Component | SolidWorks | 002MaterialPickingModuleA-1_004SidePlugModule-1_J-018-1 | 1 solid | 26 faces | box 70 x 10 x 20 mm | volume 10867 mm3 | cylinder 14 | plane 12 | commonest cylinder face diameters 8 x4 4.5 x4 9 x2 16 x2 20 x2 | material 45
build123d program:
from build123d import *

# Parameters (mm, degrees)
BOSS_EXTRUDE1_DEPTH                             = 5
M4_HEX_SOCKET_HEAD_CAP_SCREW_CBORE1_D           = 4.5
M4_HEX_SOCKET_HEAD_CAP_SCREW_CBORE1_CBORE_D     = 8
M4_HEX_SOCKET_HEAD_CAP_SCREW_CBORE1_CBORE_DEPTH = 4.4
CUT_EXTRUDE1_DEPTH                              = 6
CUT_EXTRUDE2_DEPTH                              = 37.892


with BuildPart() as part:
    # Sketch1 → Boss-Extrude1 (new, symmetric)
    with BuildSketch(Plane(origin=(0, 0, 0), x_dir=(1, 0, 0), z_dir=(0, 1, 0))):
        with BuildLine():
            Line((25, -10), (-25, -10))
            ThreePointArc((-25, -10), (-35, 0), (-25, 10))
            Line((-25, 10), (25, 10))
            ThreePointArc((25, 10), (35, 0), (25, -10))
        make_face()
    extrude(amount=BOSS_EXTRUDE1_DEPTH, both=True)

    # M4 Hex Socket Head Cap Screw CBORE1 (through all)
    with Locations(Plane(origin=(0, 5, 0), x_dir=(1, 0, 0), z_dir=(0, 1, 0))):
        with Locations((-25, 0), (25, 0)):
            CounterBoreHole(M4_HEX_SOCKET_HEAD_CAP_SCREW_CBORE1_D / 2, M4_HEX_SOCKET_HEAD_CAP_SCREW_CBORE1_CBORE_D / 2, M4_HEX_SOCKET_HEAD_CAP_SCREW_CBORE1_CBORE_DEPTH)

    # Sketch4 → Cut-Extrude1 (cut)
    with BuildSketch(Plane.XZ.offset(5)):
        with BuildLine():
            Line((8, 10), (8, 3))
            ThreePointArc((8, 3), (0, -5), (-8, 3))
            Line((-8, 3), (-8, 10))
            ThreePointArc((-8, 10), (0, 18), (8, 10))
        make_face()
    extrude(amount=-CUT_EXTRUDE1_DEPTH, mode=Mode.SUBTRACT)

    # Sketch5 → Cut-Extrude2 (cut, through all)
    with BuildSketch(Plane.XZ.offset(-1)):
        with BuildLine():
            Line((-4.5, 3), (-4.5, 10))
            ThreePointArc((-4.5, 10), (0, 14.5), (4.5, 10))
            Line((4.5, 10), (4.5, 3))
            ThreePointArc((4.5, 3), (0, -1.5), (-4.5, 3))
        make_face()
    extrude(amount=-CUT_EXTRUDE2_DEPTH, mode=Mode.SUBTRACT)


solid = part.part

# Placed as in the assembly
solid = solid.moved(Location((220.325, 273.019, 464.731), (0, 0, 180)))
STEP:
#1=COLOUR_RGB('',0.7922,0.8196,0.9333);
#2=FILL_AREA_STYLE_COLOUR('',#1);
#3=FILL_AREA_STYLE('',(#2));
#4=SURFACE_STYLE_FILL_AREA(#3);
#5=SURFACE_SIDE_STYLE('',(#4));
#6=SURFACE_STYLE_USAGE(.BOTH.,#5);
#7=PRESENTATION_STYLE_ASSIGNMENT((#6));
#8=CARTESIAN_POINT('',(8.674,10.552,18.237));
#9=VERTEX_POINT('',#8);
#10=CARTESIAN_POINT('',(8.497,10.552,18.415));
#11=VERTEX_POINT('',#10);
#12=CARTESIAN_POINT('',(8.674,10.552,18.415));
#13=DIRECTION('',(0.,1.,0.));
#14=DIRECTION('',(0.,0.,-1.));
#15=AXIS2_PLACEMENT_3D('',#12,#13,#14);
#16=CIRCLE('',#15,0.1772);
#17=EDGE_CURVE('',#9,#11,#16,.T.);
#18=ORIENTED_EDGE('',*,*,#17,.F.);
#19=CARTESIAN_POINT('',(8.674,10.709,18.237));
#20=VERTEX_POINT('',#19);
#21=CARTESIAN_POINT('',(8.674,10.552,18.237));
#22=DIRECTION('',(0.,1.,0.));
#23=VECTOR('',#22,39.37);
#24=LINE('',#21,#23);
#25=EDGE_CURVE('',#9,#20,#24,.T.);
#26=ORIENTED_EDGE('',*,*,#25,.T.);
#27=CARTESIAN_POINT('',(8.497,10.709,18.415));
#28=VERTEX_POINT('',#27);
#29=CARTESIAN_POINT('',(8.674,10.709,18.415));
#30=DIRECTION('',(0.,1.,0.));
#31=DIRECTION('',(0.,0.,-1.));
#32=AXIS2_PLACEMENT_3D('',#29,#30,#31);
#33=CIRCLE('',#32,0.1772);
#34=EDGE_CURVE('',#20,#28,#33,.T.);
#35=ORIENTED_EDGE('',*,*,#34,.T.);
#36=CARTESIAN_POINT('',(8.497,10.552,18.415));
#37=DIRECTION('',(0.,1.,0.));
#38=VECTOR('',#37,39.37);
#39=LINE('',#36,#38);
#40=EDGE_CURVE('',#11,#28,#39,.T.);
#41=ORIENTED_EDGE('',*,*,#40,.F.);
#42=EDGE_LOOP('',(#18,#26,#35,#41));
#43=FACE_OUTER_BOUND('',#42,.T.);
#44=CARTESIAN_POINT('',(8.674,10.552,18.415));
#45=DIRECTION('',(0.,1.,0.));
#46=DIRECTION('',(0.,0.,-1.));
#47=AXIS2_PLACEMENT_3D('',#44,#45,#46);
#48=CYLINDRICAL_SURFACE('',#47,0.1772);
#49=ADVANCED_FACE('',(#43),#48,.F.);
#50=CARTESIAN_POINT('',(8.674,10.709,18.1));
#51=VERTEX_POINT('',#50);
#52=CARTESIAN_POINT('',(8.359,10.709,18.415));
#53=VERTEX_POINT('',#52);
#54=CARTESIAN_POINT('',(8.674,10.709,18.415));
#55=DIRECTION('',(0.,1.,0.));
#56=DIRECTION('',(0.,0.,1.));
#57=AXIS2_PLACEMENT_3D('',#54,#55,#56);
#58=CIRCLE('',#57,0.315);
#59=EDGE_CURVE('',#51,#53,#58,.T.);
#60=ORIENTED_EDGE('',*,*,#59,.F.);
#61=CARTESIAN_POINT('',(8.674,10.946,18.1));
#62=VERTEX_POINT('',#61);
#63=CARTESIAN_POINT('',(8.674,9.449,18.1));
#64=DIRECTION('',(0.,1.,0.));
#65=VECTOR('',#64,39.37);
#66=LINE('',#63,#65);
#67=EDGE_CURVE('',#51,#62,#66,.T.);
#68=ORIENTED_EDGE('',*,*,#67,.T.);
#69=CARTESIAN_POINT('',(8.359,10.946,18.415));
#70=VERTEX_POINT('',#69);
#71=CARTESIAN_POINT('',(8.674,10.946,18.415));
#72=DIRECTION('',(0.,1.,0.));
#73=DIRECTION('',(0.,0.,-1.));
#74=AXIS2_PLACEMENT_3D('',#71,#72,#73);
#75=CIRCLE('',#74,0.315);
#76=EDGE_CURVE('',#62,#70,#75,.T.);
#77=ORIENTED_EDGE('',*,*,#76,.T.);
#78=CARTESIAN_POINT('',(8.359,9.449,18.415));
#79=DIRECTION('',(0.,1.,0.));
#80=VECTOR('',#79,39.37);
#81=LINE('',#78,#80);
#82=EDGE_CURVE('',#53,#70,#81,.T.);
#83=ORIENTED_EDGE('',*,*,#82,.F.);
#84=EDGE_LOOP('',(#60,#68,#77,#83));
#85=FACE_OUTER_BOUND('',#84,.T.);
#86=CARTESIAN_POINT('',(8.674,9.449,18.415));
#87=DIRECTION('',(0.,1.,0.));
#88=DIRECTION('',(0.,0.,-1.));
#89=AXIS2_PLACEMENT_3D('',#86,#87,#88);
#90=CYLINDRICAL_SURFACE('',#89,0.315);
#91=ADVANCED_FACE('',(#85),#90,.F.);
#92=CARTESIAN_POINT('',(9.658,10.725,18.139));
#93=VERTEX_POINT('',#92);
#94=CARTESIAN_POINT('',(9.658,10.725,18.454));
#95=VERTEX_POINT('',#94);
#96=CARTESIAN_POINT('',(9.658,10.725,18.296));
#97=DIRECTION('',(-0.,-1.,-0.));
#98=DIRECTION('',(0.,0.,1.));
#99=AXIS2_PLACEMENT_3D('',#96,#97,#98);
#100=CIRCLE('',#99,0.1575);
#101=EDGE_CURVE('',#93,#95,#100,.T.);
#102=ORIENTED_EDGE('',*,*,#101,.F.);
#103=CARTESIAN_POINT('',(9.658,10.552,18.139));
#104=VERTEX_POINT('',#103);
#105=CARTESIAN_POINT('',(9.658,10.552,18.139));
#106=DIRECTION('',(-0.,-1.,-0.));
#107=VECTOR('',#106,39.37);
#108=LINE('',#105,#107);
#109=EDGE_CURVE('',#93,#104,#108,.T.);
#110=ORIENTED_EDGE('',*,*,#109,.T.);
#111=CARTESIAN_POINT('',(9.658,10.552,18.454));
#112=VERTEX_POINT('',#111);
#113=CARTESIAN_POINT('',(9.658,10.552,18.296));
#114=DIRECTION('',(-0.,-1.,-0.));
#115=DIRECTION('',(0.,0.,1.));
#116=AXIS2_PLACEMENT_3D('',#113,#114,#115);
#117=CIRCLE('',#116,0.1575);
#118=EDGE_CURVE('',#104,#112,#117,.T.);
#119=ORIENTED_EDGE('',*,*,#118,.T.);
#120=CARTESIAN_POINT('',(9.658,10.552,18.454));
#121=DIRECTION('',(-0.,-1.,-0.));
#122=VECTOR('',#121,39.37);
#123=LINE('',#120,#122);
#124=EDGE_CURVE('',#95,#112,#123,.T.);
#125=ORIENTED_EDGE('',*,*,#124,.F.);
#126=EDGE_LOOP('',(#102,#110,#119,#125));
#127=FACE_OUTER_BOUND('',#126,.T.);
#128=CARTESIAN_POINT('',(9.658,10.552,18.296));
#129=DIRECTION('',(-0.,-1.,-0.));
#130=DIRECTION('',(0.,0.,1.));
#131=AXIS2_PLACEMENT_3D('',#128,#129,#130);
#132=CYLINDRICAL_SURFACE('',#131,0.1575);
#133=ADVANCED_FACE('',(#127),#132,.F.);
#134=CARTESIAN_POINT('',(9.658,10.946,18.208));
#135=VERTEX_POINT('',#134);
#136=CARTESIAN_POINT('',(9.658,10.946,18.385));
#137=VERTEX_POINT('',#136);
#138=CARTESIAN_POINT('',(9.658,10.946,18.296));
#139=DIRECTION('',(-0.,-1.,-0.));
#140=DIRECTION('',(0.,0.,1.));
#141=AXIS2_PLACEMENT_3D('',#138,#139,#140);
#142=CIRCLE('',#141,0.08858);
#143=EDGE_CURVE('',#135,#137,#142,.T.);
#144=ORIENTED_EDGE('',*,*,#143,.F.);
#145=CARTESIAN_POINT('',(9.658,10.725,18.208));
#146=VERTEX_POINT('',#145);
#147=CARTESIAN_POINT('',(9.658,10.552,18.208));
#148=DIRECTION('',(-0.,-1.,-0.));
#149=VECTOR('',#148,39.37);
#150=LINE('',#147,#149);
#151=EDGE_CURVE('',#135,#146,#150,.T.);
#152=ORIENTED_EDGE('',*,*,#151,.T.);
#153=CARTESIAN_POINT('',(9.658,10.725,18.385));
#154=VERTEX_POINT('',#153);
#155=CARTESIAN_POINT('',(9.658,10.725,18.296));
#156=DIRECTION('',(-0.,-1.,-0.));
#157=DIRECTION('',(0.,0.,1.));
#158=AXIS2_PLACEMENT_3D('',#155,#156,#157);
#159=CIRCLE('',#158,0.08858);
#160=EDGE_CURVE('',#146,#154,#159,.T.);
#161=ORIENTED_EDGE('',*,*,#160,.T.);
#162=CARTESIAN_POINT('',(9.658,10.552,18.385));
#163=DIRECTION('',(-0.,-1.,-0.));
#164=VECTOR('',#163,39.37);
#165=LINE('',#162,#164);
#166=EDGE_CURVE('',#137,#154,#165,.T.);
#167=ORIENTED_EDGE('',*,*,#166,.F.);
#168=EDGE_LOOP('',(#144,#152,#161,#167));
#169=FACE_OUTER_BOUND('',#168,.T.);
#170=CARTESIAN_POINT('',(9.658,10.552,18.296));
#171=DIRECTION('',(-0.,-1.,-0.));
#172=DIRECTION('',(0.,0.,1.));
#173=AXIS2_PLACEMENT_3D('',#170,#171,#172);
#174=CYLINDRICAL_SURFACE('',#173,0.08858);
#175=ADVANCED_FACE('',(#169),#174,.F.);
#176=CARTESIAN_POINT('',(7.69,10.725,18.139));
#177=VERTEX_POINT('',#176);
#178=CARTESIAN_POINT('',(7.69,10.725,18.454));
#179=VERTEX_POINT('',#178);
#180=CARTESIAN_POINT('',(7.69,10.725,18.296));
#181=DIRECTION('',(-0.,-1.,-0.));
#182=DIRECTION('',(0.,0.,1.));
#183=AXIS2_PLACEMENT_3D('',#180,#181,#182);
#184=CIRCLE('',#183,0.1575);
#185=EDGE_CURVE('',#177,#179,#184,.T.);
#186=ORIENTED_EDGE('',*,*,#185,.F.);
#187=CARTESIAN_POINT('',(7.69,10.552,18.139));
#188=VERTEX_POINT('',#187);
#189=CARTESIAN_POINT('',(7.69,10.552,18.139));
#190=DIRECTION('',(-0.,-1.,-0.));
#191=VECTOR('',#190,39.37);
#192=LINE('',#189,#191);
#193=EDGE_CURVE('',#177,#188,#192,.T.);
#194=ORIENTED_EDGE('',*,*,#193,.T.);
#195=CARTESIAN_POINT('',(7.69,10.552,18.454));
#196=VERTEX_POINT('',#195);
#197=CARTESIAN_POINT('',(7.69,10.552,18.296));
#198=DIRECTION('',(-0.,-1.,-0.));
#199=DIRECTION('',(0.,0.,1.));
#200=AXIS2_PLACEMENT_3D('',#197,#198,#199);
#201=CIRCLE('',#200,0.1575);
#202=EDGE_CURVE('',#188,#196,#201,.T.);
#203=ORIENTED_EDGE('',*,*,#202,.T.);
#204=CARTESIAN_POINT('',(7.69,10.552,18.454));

_Problem requirements_
Take the listing above and repeat exactly the lines from the one containing "#147=CARTESIAN_POINT('',(9.658,10.552,18.208));" through the one containing "#157=DIRECTION('',(0.,0.,1.));", both included.

_Result of the exercise_
#147=CARTESIAN_POINT('',(9.658,10.552,18.208));
#148=DIRECTION('',(-0.,-1.,-0.));
#149=VECTOR('',#148,39.37);
#150=LINE('',#147,#149);
#151=EDGE_CURVE('',#135,#146,#150,.T.);
#152=ORIENTED_EDGE('',*,*,#151,.T.);
#153=CARTESIAN_POINT('',(9.658,10.725,18.385));
#154=VERTEX_POINT('',#153);
#155=CARTESIAN_POINT('',(9.658,10.725,18.296));
#156=DIRECTION('',(-0.,-1.,-0.));
#157=DIRECTION('',(0.,0.,1.));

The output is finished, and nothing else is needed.